▸ **Data for this task**
==*==

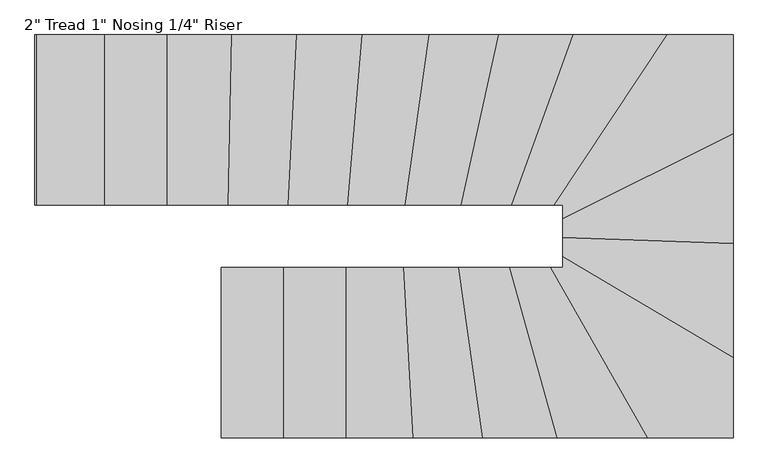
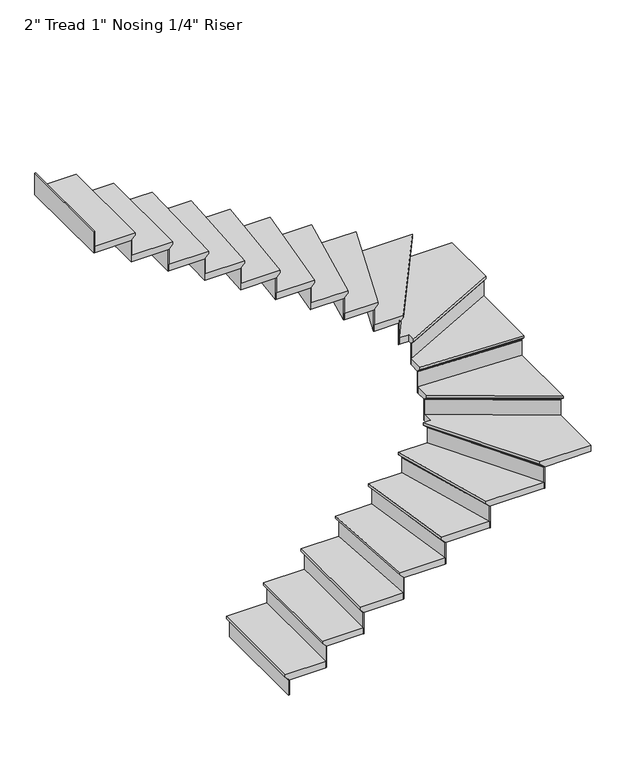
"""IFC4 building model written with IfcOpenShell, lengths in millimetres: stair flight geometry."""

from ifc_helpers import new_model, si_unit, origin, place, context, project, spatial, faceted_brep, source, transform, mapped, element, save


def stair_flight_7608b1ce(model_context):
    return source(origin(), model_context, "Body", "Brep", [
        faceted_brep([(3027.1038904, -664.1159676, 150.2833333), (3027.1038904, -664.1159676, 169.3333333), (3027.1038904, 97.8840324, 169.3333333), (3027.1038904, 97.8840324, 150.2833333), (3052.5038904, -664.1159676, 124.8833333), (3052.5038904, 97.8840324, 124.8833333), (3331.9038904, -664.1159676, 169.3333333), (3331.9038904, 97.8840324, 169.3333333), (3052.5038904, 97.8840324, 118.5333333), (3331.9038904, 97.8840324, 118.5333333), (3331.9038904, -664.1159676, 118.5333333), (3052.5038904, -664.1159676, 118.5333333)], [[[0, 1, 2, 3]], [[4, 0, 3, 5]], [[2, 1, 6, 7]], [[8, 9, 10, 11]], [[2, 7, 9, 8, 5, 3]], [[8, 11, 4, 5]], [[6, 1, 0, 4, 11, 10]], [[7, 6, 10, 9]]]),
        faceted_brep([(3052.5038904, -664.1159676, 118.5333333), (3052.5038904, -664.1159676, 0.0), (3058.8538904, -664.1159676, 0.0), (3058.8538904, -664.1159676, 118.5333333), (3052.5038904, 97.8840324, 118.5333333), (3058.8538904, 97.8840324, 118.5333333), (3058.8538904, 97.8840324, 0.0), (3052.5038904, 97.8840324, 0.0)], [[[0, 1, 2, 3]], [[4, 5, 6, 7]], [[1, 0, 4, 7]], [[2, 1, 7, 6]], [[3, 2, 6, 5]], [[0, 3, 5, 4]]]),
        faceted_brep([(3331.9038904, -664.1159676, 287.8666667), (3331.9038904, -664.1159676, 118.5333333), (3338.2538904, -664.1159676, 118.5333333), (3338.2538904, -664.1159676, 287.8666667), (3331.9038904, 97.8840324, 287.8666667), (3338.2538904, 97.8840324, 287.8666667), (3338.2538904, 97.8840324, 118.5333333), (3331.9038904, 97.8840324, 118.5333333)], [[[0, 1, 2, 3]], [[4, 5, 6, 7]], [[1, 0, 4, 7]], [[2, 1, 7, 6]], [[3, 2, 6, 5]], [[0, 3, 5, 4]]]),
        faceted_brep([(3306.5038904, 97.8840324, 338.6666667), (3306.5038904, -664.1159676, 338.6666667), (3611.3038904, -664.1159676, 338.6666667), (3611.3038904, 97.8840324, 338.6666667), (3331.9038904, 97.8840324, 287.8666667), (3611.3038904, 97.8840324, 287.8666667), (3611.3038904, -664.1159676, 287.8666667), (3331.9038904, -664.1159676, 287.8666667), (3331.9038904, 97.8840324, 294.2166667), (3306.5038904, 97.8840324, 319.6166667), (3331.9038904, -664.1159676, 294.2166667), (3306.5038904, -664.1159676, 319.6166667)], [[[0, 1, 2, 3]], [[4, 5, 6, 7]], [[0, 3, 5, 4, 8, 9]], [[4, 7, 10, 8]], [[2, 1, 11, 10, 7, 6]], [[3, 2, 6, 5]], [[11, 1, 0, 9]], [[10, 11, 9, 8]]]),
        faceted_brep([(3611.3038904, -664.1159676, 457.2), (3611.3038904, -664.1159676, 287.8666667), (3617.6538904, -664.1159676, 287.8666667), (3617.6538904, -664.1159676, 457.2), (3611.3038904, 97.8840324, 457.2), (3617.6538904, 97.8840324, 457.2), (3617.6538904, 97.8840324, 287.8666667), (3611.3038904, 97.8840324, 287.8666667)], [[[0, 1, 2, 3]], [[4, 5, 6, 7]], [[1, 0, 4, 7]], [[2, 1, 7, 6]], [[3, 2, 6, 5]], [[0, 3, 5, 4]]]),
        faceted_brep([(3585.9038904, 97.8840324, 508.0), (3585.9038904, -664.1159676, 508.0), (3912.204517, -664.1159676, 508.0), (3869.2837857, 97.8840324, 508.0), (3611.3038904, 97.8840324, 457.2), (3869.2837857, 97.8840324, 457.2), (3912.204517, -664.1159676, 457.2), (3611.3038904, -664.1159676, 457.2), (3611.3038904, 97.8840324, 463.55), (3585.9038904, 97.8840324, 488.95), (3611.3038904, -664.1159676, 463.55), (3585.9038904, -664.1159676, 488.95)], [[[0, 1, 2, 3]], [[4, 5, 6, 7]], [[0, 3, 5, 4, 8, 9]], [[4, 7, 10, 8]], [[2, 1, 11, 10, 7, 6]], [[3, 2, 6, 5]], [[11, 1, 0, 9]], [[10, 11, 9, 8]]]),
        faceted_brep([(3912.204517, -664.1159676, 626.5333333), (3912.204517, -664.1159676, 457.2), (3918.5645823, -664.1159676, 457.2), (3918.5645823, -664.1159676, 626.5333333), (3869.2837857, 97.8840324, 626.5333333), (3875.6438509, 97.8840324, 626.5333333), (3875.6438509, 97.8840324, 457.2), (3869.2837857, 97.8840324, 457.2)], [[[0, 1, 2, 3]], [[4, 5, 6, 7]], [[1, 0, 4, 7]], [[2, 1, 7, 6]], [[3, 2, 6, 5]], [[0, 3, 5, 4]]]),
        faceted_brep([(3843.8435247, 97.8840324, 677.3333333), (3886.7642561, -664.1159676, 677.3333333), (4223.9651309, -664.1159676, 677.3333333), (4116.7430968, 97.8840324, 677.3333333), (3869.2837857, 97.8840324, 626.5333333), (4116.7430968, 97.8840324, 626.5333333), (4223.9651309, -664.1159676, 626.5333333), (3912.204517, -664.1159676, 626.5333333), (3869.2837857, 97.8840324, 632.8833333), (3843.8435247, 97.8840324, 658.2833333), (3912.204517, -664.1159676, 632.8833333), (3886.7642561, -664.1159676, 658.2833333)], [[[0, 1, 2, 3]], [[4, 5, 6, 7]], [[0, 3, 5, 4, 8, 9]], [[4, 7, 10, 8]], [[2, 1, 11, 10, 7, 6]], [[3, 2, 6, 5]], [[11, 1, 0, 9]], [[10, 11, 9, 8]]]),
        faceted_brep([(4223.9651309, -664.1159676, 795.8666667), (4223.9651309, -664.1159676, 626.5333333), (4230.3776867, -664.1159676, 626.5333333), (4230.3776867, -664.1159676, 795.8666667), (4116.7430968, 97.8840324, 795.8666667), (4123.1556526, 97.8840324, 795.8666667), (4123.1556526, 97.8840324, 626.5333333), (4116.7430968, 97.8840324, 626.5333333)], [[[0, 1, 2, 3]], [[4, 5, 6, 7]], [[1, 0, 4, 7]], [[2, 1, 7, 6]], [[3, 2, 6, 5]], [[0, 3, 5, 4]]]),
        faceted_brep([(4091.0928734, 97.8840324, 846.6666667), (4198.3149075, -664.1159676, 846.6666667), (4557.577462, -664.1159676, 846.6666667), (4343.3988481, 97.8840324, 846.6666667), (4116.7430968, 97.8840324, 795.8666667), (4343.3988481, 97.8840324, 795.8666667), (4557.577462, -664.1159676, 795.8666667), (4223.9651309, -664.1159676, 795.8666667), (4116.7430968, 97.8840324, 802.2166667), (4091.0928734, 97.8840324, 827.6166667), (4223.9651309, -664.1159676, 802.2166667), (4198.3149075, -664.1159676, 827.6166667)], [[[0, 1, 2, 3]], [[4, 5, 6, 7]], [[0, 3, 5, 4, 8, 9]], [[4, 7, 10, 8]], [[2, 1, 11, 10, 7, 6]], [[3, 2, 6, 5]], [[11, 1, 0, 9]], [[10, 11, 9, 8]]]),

==*==

▸ **Task description**
Could you please repeat the entries above exactly, with every picture left out?

▸ **Task response**
"""IFC4 building model written with IfcOpenShell, lengths in millimetres: stair flight geometry."""

from ifc_helpers import new_model, si_unit, origin, place, context, project, spatial, faceted_brep, source, transform, mapped, element, save


def stair_flight_7608b1ce(model_context):
    return source(origin(), model_context, "Body", "Brep", [
        faceted_brep([(3027.1038904, -664.1159676, 150.2833333), (3027.1038904, -664.1159676, 169.3333333), (3027.1038904, 97.8840324, 169.3333333), (3027.1038904, 97.8840324, 150.2833333), (3052.5038904, -664.1159676, 124.8833333), (3052.5038904, 97.8840324, 124.8833333), (3331.9038904, -664.1159676, 169.3333333), (3331.9038904, 97.8840324, 169.3333333), (3052.5038904, 97.8840324, 118.5333333), (3331.9038904, 97.8840324, 118.5333333), (3331.9038904, -664.1159676, 118.5333333), (3052.5038904, -664.1159676, 118.5333333)], [[[0, 1, 2, 3]], [[4, 0, 3, 5]], [[2, 1, 6, 7]], [[8, 9, 10, 11]], [[2, 7, 9, 8, 5, 3]], [[8, 11, 4, 5]], [[6, 1, 0, 4, 11, 10]], [[7, 6, 10, 9]]]),
        faceted_brep([(3052.5038904, -664.1159676, 118.5333333), (3052.5038904, -664.1159676, 0.0), (3058.8538904, -664.1159676, 0.0), (3058.8538904, -664.1159676, 118.5333333), (3052.5038904, 97.8840324, 118.5333333), (3058.8538904, 97.8840324, 118.5333333), (3058.8538904, 97.8840324, 0.0), (3052.5038904, 97.8840324, 0.0)], [[[0, 1, 2, 3]], [[4, 5, 6, 7]], [[1, 0, 4, 7]], [[2, 1, 7, 6]], [[3, 2, 6, 5]], [[0, 3, 5, 4]]]),
        faceted_brep([(3331.9038904, -664.1159676, 287.8666667), (3331.9038904, -664.1159676, 118.5333333), (3338.2538904, -664.1159676, 118.5333333), (3338.2538904, -664.1159676, 287.8666667), (3331.9038904, 97.8840324, 287.8666667), (3338.2538904, 97.8840324, 287.8666667), (3338.2538904, 97.8840324, 118.5333333), (3331.9038904, 97.8840324, 118.5333333)], [[[0, 1, 2, 3]], [[4, 5, 6, 7]], [[1, 0, 4, 7]], [[2, 1, 7, 6]], [[3, 2, 6, 5]], [[0, 3, 5, 4]]]),
        faceted_brep([(3306.5038904, 97.8840324, 338.6666667), (3306.5038904, -664.1159676, 338.6666667), (3611.3038904, -664.1159676, 338.6666667), (3611.3038904, 97.8840324, 338.6666667), (3331.9038904, 97.8840324, 287.8666667), (3611.3038904, 97.8840324, 287.8666667), (3611.3038904, -664.1159676, 287.8666667), (3331.9038904, -664.1159676, 287.8666667), (3331.9038904, 97.8840324, 294.2166667), (3306.5038904, 97.8840324, 319.6166667), (3331.9038904, -664.1159676, 294.2166667), (3306.5038904, -664.1159676, 319.6166667)], [[[0, 1, 2, 3]], [[4, 5, 6, 7]], [[0, 3, 5, 4, 8, 9]], [[4, 7, 10, 8]], [[2, 1, 11, 10, 7, 6]], [[3, 2, 6, 5]], [[11, 1, 0, 9]], [[10, 11, 9, 8]]]),
        faceted_brep([(3611.3038904, -664.1159676, 457.2), (3611.3038904, -664.1159676, 287.8666667), (3617.6538904, -664.1159676, 287.8666667), (3617.6538904, -664.1159676, 457.2), (3611.3038904, 97.8840324, 457.2), (3617.6538904, 97.8840324, 457.2), (3617.6538904, 97.8840324, 287.8666667), (3611.3038904, 97.8840324, 287.8666667)], [[[0, 1, 2, 3]], [[4, 5, 6, 7]], [[1, 0, 4, 7]], [[2, 1, 7, 6]], [[3, 2, 6, 5]], [[0, 3, 5, 4]]]),
        faceted_brep([(3585.9038904, 97.8840324, 508.0), (3585.9038904, -664.1159676, 508.0), (3912.204517, -664.1159676, 508.0), (3869.2837857, 97.8840324, 508.0), (3611.3038904, 97.8840324, 457.2), (3869.2837857, 97.8840324, 457.2), (3912.204517, -664.1159676, 457.2), (3611.3038904, -664.1159676, 457.2), (3611.3038904, 97.8840324, 463.55), (3585.9038904, 97.8840324, 488.95), (3611.3038904, -664.1159676, 463.55), (3585.9038904, -664.1159676, 488.95)], [[[0, 1, 2, 3]], [[4, 5, 6, 7]], [[0, 3, 5, 4, 8, 9]], [[4, 7, 10, 8]], [[2, 1, 11, 10, 7, 6]], [[3, 2, 6, 5]], [[11, 1, 0, 9]], [[10, 11, 9, 8]]]),
        faceted_brep([(3912.204517, -664.1159676, 626.5333333), (3912.204517, -664.1159676, 457.2), (3918.5645823, -664.1159676, 457.2), (3918.5645823, -664.1159676, 626.5333333), (3869.2837857, 97.8840324, 626.5333333), (3875.6438509, 97.8840324, 626.5333333), (3875.6438509, 97.8840324, 457.2), (3869.2837857, 97.8840324, 457.2)], [[[0, 1, 2, 3]], [[4, 5, 6, 7]], [[1, 0, 4, 7]], [[2, 1, 7, 6]], [[3, 2, 6, 5]], [[0, 3, 5, 4]]]),
        faceted_brep([(3843.8435247, 97.8840324, 677.3333333), (3886.7642561, -664.1159676, 677.3333333), (4223.9651309, -664.1159676, 677.3333333), (4116.7430968, 97.8840324, 677.3333333), (3869.2837857, 97.8840324, 626.5333333), (4116.7430968, 97.8840324, 626.5333333), (4223.9651309, -664.1159676, 626.5333333), (3912.204517, -664.1159676, 626.5333333), (3869.2837857, 97.8840324, 632.8833333), (3843.8435247, 97.8840324, 658.2833333), (3912.204517, -664.1159676, 632.8833333), (3886.7642561, -664.1159676, 658.2833333)], [[[0, 1, 2, 3]], [[4, 5, 6, 7]], [[0, 3, 5, 4, 8, 9]], [[4, 7, 10, 8]], [[2, 1, 11, 10, 7, 6]], [[3, 2, 6, 5]], [[11, 1, 0, 9]], [[10, 11, 9, 8]]]),
        faceted_brep([(4223.9651309, -664.1159676, 795.8666667), (4223.9651309, -664.1159676, 626.5333333), (4230.3776867, -664.1159676, 626.5333333), (4230.3776867, -664.1159676, 795.8666667), (4116.7430968, 97.8840324, 795.8666667), (4123.1556526, 97.8840324, 795.8666667), (4123.1556526, 97.8840324, 626.5333333), (4116.7430968, 97.8840324, 626.5333333)], [[[0, 1, 2, 3]], [[4, 5, 6, 7]], [[1, 0, 4, 7]], [[2, 1, 7, 6]], [[3, 2, 6, 5]], [[0, 3, 5, 4]]]),
        faceted_brep([(4091.0928734, 97.8840324, 846.6666667), (4198.3149075, -664.1159676, 846.6666667), (4557.577462, -664.1159676, 846.6666667), (4343.3988481, 97.8840324, 846.6666667), (4116.7430968, 97.8840324, 795.8666667), (4343.3988481, 97.8840324, 795.8666667), (4557.577462, -664.1159676, 795.8666667), (4223.9651309, -664.1159676, 795.8666667), (4116.7430968, 97.8840324, 802.2166667), (4091.0928734, 97.8840324, 827.6166667), (4223.9651309, -664.1159676, 802.2166667), (4198.3149075, -664.1159676, 827.6166667)], [[[0, 1, 2, 3]], [[4, 5, 6, 7]], [[0, 3, 5, 4, 8, 9]], [[4, 7, 10, 8]], [[2, 1, 11, 10, 7, 6]], [[3, 2, 6, 5]], [[11, 1, 0, 9]], [[10, 11, 9, 8]]]),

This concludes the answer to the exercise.